Task description
Count the lines that contain the string "PARTITIONING" in the records beneath, and respond with the number only.

[Items from a dataset]
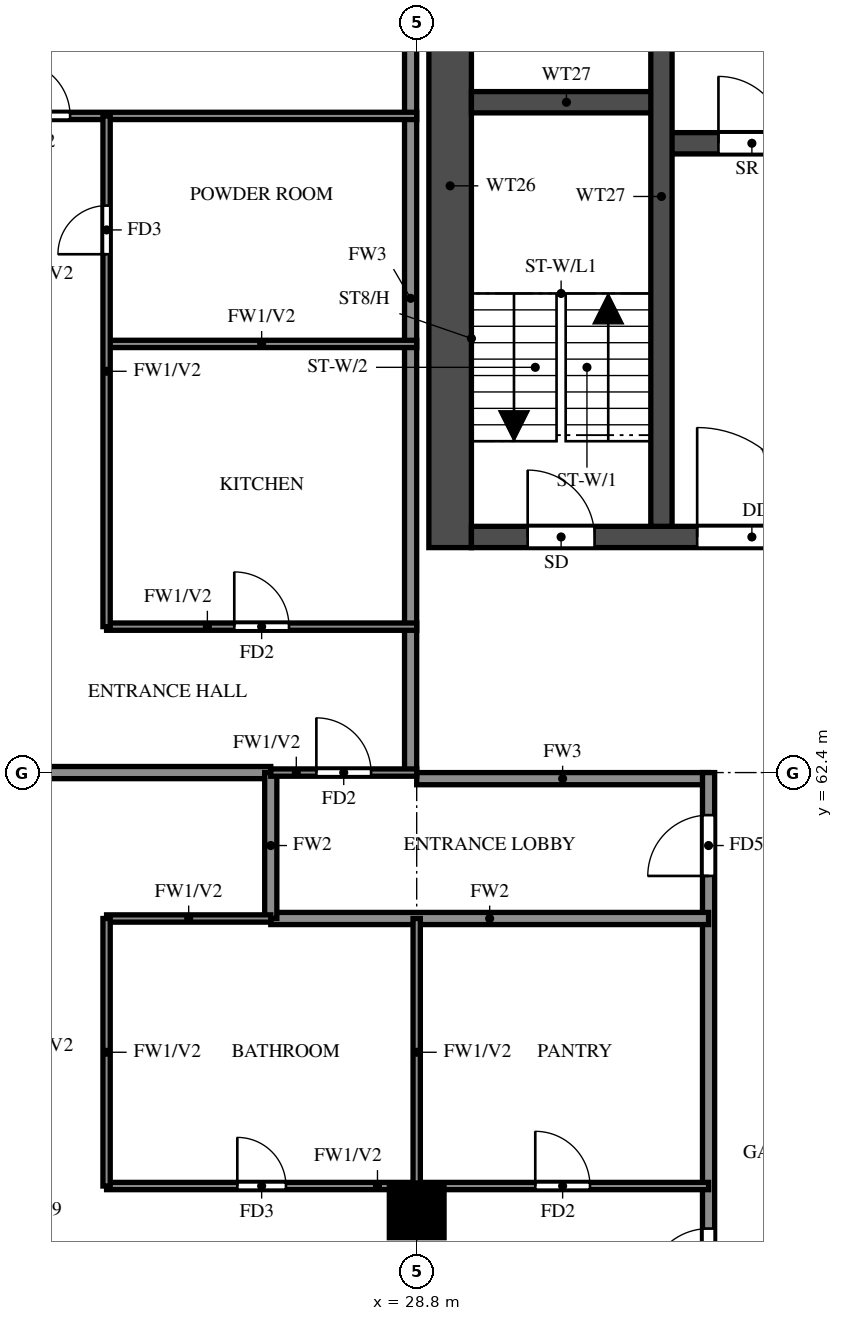
"""IFC4 building model, lengths in metres.
Left out: names, types, materials, properties, quantities, classifications, styles, units other than length and angle.
Written with IfcOpenShell. Run it as: python <this file> out.ifc"""

import sys

from ifc_helpers import new_model, si_unit, direction, frame, frame_2d, origin, origin_2d, place, context, subcontext, project, spatial, rectangle, extrude, source, transform, mapped, element, fill, save


model = new_model("IFC4")
c1 = context("Model", 3, precision=1e-05, world=origin(), true_north=direction((0.0, 1.0)))
c2 = subcontext(c1, "Body", "Model", "MODEL_VIEW")
j1 = project(units=[si_unit("LENGTHUNIT", "METRE"), si_unit("PLANEANGLEUNIT", "RADIAN")], contexts=[c1])
p1 = place(None, origin())
s1 = spatial("IfcSite", under=j1, at=p1, CompositionType="ELEMENT")
p2 = place(p1, origin())
s2 = spatial("IfcBuilding", under=s1, at=p2, CompositionType="ELEMENT")
p3 = place(p2, frame((0.0, 0.0, 199.0)))
s3 = spatial("IfcBuildingStorey", under=s2, at=p3, CompositionType="ELEMENT", Elevation=199.0)
m1 = source(origin(), c2, "Body", "SweptSolid", [
    extrude(rectangle(XDim=0.9, YDim=0.9, at=origin_2d()), origin(), (0.0, 0.0, 1.0), 3.2),
])
p4 = place(p3, frame((28.8, 55.2, 0.0), z_axis=(0.0, 0.0, 1.0), x_axis=(1.0, 0.0, 0.0)))
e1 = element("IfcColumn", 1, at=p4, inside=s3, PredefinedType="COLUMN", context=c2, shape_type="MappedRepresentation", body=[
    mapped(m1, transform((0.0, 0.0, 0.0))),
])
p5 = place(p3, frame((29.35, 66.1, 0.0), z_axis=(0.0, 0.0, 1.0), x_axis=(0.0, 1.0, 0.0)))
e2 = element("IfcWall", 2, at=p5, inside=s3, PredefinedType="SHEAR", context=c2, shape_type="SweptSolid", body=[
    extrude(rectangle(XDim=11.9, YDim=0.7, at=frame_2d((5.95, 0.0))), origin(), (0.0, 0.0, 1.0), 3.2),
])
p6 = place(p3, frame((29.7, 66.275, 0.0), z_axis=(0.0, 0.0, 1.0), x_axis=(1.0, 0.0, 0.0)))
e3 = element("IfcWall", 3, at=p6, inside=s3, PredefinedType="SHEAR", context=c2, shape_type="SweptSolid", body=[
    extrude(rectangle(XDim=41.4, YDim=0.35, at=frame_2d((20.7, 0.0))), origin(), (0.0, 0.0, 1.0), 3.2),
])
p7 = place(p6, frame((0.925, 0.0, 0.0)))
e4 = element("IfcOpeningElement", 4, at=p7, cuts=e3, PredefinedType="OPENING", context=c2, shape_type="SweptSolid", body=[
    extrude(rectangle(XDim=1.1, YDim=2.1, at=frame_2d((0.55, 1.05))), frame((0.0, 0.185, 0.0), z_axis=(0.0, -1.0, 0.0), x_axis=(1.0, 0.0, 0.0)), (0.0, 0.0, 1.0), 0.37),
])
p8 = place(p6, frame((3.712, 0.0, 0.0)))
e5 = element("IfcOpeningElement", 5, at=p8, cuts=e3, PredefinedType="OPENING", context=c2, shape_type="SweptSolid", body=[
    extrude(rectangle(XDim=1.8, YDim=2.1, at=frame_2d((0.9, 1.05))), frame((0.0, 0.185, 0.0), z_axis=(0.0, -1.0, 0.0), x_axis=(1.0, 0.0, 0.0)), (0.0, 0.0, 1.0), 0.37),
])
p9 = place(p3, frame((32.825, 72.75, 0.0), z_axis=(0.0, 0.0, 1.0), x_axis=(1.0, 0.0, 0.0)))
e6 = element("IfcWall", 6, at=p9, inside=s3, PredefinedType="SHEAR", context=c2, shape_type="SweptSolid", body=[
    extrude(rectangle(XDim=35.15, YDim=0.35, at=frame_2d((17.575, 0.0))), origin(), (0.0, 0.0, 1.0), 3.2),
])
p10 = place(p9, frame((19.8, 0.0, 0.0)))
e7 = element("IfcOpeningElement", 7, at=p10, cuts=e6, PredefinedType="OPENING", context=c2, shape_type="SweptSolid", body=[
    extrude(rectangle(XDim=1.1, YDim=2.1, at=frame_2d((0.55, 1.05))), frame((0.0, 0.185, 0.0), z_axis=(0.0, -1.0, 0.0), x_axis=(1.0, 0.0, 0.0)), (0.0, 0.0, 1.0), 0.37),
])
p11 = place(p9, frame((27.7, 0.0, 0.0)))
e8 = element("IfcOpeningElement", 8, at=p11, cuts=e6, PredefinedType="OPENING", context=c2, shape_type="SweptSolid", body=[
    extrude(rectangle(XDim=1.1, YDim=2.1, at=frame_2d((0.55, 1.05))), frame((0.0, 0.185, 0.0), z_axis=(0.0, -1.0, 0.0), x_axis=(1.0, 0.0, 0.0)), (0.0, 0.0, 1.0), 0.37),
])
p12 = place(p9, frame((30.3, 0.0, 0.0)))
e9 = element("IfcOpeningElement", 9, at=p12, cuts=e6, PredefinedType="OPENING", context=c2, shape_type="SweptSolid", body=[
    extrude(rectangle(XDim=1.1, YDim=2.1, at=frame_2d((0.55, 1.05))), frame((0.0, 0.185, 0.0), z_axis=(0.0, -1.0, 0.0), x_axis=(1.0, 0.0, 0.0)), (0.0, 0.0, 1.0), 0.37),
])
p13 = place(p9, frame((3.8, 0.0, 0.0)))
e10 = element("IfcOpeningElement", 10, at=p13, cuts=e6, PredefinedType="OPENING", context=c2, shape_type="SweptSolid", body=[
    extrude(rectangle(XDim=1.1, YDim=2.1, at=frame_2d((0.55, 1.05))), frame((0.0, 0.185, 0.0), z_axis=(0.0, -1.0, 0.0), x_axis=(1.0, 0.0, 0.0)), (0.0, 0.0, 1.0), 0.37),
])
p14 = place(p9, frame((6.55, 0.0, 0.0)))
e11 = element("IfcOpeningElement", 11, at=p14, cuts=e6, PredefinedType="OPENING", context=c2, shape_type="SweptSolid", body=[
    extrude(rectangle(XDim=1.1, YDim=2.1, at=frame_2d((0.55, 1.05))), frame((0.0, 0.185, 0.0), z_axis=(0.0, -1.0, 0.0), x_axis=(1.0, 0.0, 0.0)), (0.0, 0.0, 1.0), 0.37),
])
p15 = place(p9, frame((9.3, 0.0, 0.0)))
e12 = element("IfcOpeningElement", 12, at=p15, cuts=e6, PredefinedType="OPENING", context=c2, shape_type="SweptSolid", body=[
    extrude(rectangle(XDim=1.1, YDim=2.1, at=frame_2d((0.55, 1.05))), frame((0.0, 0.185, 0.0), z_axis=(0.0, -1.0, 0.0), x_axis=(1.0, 0.0, 0.0)), (0.0, 0.0, 1.0), 0.37),
])
p16 = place(p9, frame((12.05, 0.0, 0.0)))
e13 = element("IfcOpeningElement", 13, at=p16, cuts=e6, PredefinedType="OPENING", context=c2, shape_type="SweptSolid", body=[
    extrude(rectangle(XDim=1.1, YDim=2.1, at=frame_2d((0.55, 1.05))), frame((0.0, 0.185, 0.0), z_axis=(0.0, -1.0, 0.0), x_axis=(1.0, 0.0, 0.0)), (0.0, 0.0, 1.0), 0.37),
])
p17 = place(p9, frame((14.8, 0.0, 0.0)))
e14 = element("IfcOpeningElement", 14, at=p17, cuts=e6, PredefinedType="OPENING", context=c2, shape_type="SweptSolid", body=[
    extrude(rectangle(XDim=1.1, YDim=2.1, at=frame_2d((0.55, 1.05))), frame((0.0, 0.185, 0.0), z_axis=(0.0, -1.0, 0.0), x_axis=(1.0, 0.0, 0.0)), (0.0, 0.0, 1.0), 0.37),
])
p18 = place(p9, frame((17.55, 0.0, 0.0)))
e15 = element("IfcOpeningElement", 15, at=p18, cuts=e6, PredefinedType="OPENING", context=c2, shape_type="SweptSolid", body=[
    extrude(rectangle(XDim=1.1, YDim=2.1, at=frame_2d((0.55, 1.05))), frame((0.0, 0.185, 0.0), z_axis=(0.0, -1.0, 0.0), x_axis=(1.0, 0.0, 0.0)), (0.0, 0.0, 1.0), 0.37),
])
p19 = place(p9, frame((0.938, 0.0, 0.0)))
e16 = element("IfcOpeningElement", 16, at=p19, cuts=e6, PredefinedType="OPENING", context=c2, shape_type="SweptSolid", body=[
    extrude(rectangle(XDim=1.1, YDim=2.1, at=frame_2d((0.55, 1.05))), frame((0.0, 0.185, 0.0), z_axis=(0.0, -1.0, 0.0), x_axis=(1.0, 0.0, 0.0)), (0.0, 0.0, 1.0), 0.37),
])
p20 = place(p3, frame((29.7, 73.425, 0.0), z_axis=(0.0, 0.0, 1.0), x_axis=(1.0, 0.0, 0.0)))
e17 = element("IfcWall", 17, at=p20, inside=s3, PredefinedType="SHEAR", context=c2, shape_type="SweptSolid", body=[
    extrude(rectangle(XDim=3.125, YDim=0.35, at=frame_2d((1.562, 0.0))), origin(), (0.0, 0.0, 1.0), 3.2),
])
p21 = place(p3, frame((32.825, 66.45, 0.0), z_axis=(0.0, 0.0, 1.0), x_axis=(0.0, 1.0, 0.0)))
e18 = element("IfcWall", 18, at=p21, inside=s3, PredefinedType="SHEAR", context=c2, shape_type="SweptSolid", body=[
    extrude(rectangle(XDim=10.85, YDim=0.35, at=frame_2d((5.425, 0.0))), origin(), (0.0, 0.0, 1.0), 3.2),
])
p22 = place(p3, frame((28.8, 62.3, 0.0), z_axis=(0.0, 0.0, 1.0), x_axis=(1.0, 0.0, 0.0)))
e19 = element("IfcWall", 19, at=p22, inside=s3, PredefinedType="SOLIDWALL", context=c2, shape_type="SweptSolid", body=[
    extrude(rectangle(XDim=4.8, YDim=0.2, at=frame_2d((2.4, 0.0))), origin(), (0.0, 0.0, 1.0), 3.2),
])
p23 = place(p3, frame((28.7, 62.4, 0.0), z_axis=(0.0, 0.0, 1.0), x_axis=(0.0, 1.0, 0.0)))
e20 = element("IfcWall", 20, at=p23, inside=s3, PredefinedType="SOLIDWALL", context=c2, shape_type="SweptSolid", body=[
    extrude(rectangle(XDim=15.6, YDim=0.2, at=frame_2d((7.8, 0.0))), origin(), (0.0, 0.0, 1.0), 3.2),
])
p24 = place(p3, frame((33.6, 45.6, 0.0), z_axis=(0.0, 0.0, 1.0), x_axis=(0.0, 1.0, 0.0)))
e21 = element("IfcWall", 21, at=p24, inside=s3, PredefinedType="SOLIDWALL", context=c2, shape_type="SweptSolid", body=[
    extrude(rectangle(XDim=16.8, YDim=0.2, at=frame_2d((8.4, 0.0))), origin(), (0.0, 0.0, 1.0), 3.2),
])
p25 = place(p24, frame((0.7, 0.0, 0.0)))
e22 = element("IfcOpeningElement", 22, at=p25, cuts=e21, PredefinedType="OPENING", context=c2, shape_type="SweptSolid", body=[
    extrude(rectangle(XDim=1.0, YDim=2.1, at=frame_2d((0.5, 1.05))), frame((0.0, 0.11, 0.0), z_axis=(0.0, -1.0, 0.0), x_axis=(1.0, 0.0, 0.0)), (0.0, 0.0, 1.0), 0.22),
])
p26 = place(p24, frame((8.3, 0.0, 0.0)))
e23 = element("IfcOpeningElement", 23, at=p26, cuts=e21, PredefinedType="OPENING", context=c2, shape_type="SweptSolid", body=[
    extrude(rectangle(XDim=1.0, YDim=2.1, at=frame_2d((0.5, 1.05))), frame((0.0, 0.11, 0.0), z_axis=(0.0, -1.0, 0.0), x_axis=(1.0, 0.0, 0.0)), (0.0, 0.0, 1.0), 0.22),
])
p27 = place(p24, frame((15.1, 0.0, 0.0)))
e24 = element("IfcOpeningElement", 24, at=p27, cuts=e21, PredefinedType="OPENING", context=c2, shape_type="SweptSolid", body=[
    extrude(rectangle(XDim=1.0, YDim=2.1, at=frame_2d((0.5, 1.05))), frame((0.0, 0.11, 0.0), z_axis=(0.0, -1.0, 0.0), x_axis=(1.0, 0.0, 0.0)), (0.0, 0.0, 1.0), 0.22),
])
p28 = place(p3, frame((26.4, 60.0, 0.0), z_axis=(0.0, 0.0, 1.0), x_axis=(1.0, 0.0, 0.0)))
e25 = element("IfcWall", 25, at=p28, inside=s3, PredefinedType="SOLIDWALL", context=c2, shape_type="SweptSolid", body=[
    extrude(rectangle(XDim=7.2, YDim=0.2, at=frame_2d((3.6, 0.0))), origin(), (0.0, 0.0, 1.0), 3.2),
])
p29 = place(p3, frame((14.525, 62.4, 0.0), z_axis=(0.0, 0.0, 1.0), x_axis=(1.0, 0.0, 0.0)))
e26 = element("IfcWall", 26, at=p29, inside=s3, PredefinedType="SOLIDWALL", context=c2, shape_type="SweptSolid", body=[
    extrude(rectangle(XDim=11.875, YDim=0.2, at=frame_2d((5.938, 0.0))), origin(), (0.0, 0.0, 1.0), 3.2),
])
p30 = place(p3, frame((26.4, 60.0, 0.0), z_axis=(0.0, 0.0, 1.0), x_axis=(0.0, 1.0, 0.0)))
e27 = element("IfcWall", 27, at=p30, inside=s3, PredefinedType="SOLIDWALL", context=c2, shape_type="SweptSolid", body=[
    extrude(rectangle(XDim=2.4, YDim=0.2, at=frame_2d((1.2, 0.0))), origin(), (0.0, 0.0, 1.0), 3.2),
])
p31 = place(p3, frame((23.7, 55.6, 0.0), z_axis=(0.0, 0.0, 1.0), x_axis=(1.0, 0.0, 0.0)))
e28 = element("IfcWall", 28, at=p31, inside=s3, PredefinedType="PARTITIONING", context=c2, shape_type="SweptSolid", body=[
    extrude(rectangle(XDim=9.9, YDim=0.12, at=frame_2d((4.95, 0.0))), origin(), (0.0, 0.0, 1.0), 3.2),
])
p32 = place(p31, frame((2.15, 0.0, 0.0)))
e29 = element("IfcOpeningElement", 29, at=p32, cuts=e28, PredefinedType="OPENING", context=c2, shape_type="SweptSolid", body=[
    extrude(rectangle(XDim=0.8, YDim=2.1, at=frame_2d((0.4, 1.05))), frame((0.0, 0.07, 0.0), z_axis=(0.0, -1.0, 0.0), x_axis=(1.0, 0.0, 0.0)), (0.0, 0.0, 1.0), 0.14),
])
p33 = place(p31, frame((7.05, 0.0, 0.0)))
e30 = element("IfcOpeningElement", 30, at=p33, cuts=e28, PredefinedType="OPENING", context=c2, shape_type="SweptSolid", body=[
    extrude(rectangle(XDim=0.9, YDim=2.1, at=frame_2d((0.45, 1.05))), frame((0.0, 0.07, 0.0), z_axis=(0.0, -1.0, 0.0), x_axis=(1.0, 0.0, 0.0)), (0.0, 0.0, 1.0), 0.14),
])
p34 = place(p3, frame((23.7, 60.0, 0.0), z_axis=(0.0, 0.0, 1.0), x_axis=(1.0, 0.0, 0.0)))
e31 = element("IfcWall", 31, at=p34, inside=s3, PredefinedType="PARTITIONING", context=c2, shape_type="SweptSolid", body=[
    extrude(rectangle(XDim=2.7, YDim=0.12, at=frame_2d((1.35, 0.0))), origin(), (0.0, 0.0, 1.0), 3.2),
])
p35 = place(p3, frame((26.4, 62.4, 0.0), z_axis=(0.0, 0.0, 1.0), x_axis=(1.0, 0.0, 0.0)))
e32 = element("IfcWall", 32, at=p35, inside=s3, PredefinedType="PARTITIONING", context=c2, shape_type="SweptSolid", body=[
    extrude(rectangle(XDim=2.4, YDim=0.12, at=frame_2d((1.2, 0.0))), origin(), (0.0, 0.0, 1.0), 3.2),
])
p36 = place(p35, frame((0.75, 0.0, 0.0)))
e33 = element("IfcOpeningElement", 33, at=p36, cuts=e32, PredefinedType="OPENING", context=c2, shape_type="SweptSolid", body=[
    extrude(rectangle(XDim=0.9, YDim=2.1, at=frame_2d((0.45, 1.05))), frame((0.0, 0.07, 0.0), z_axis=(0.0, -1.0, 0.0), x_axis=(1.0, 0.0, 0.0)), (0.0, 0.0, 1.0), 0.14),
])
p37 = place(p3, frame((23.7, 64.8, 0.0), z_axis=(0.0, 0.0, 1.0), x_axis=(1.0, 0.0, 0.0)))
e34 = element("IfcWall", 34, at=p37, inside=s3, PredefinedType="PARTITIONING", context=c2, shape_type="SweptSolid", body=[
    extrude(rectangle(XDim=5.1, YDim=0.12, at=frame_2d((2.55, 0.0))), origin(), (0.0, 0.0, 1.0), 3.2),
])
p38 = place(p37, frame((2.1, 0.0, 0.0)))
e35 = element("IfcOpeningElement", 35, at=p38, cuts=e34, PredefinedType="OPENING", context=c2, shape_type="SweptSolid", body=[
    extrude(rectangle(XDim=0.9, YDim=2.1, at=frame_2d((0.45, 1.05))), frame((0.0, 0.07, 0.0), z_axis=(0.0, -1.0, 0.0), x_axis=(1.0, 0.0, 0.0)), (0.0, 0.0, 1.0), 0.14),
])
p39 = place(p3, frame((23.7, 69.45, 0.0), z_axis=(0.0, 0.0, 1.0), x_axis=(1.0, 0.0, 0.0)))
e36 = element("IfcWall", 36, at=p39, inside=s3, PredefinedType="PARTITIONING", context=c2, shape_type="SweptSolid", body=[
    extrude(rectangle(XDim=5.1, YDim=0.12, at=frame_2d((2.55, 0.0))), origin(), (0.0, 0.0, 1.0), 3.2),
])
p40 = place(p3, frame((14.525, 73.2, 0.0), z_axis=(0.0, 0.0, 1.0), x_axis=(1.0, 0.0, 0.0)))
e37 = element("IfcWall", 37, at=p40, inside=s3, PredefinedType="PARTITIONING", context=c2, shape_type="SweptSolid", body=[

Answer section
6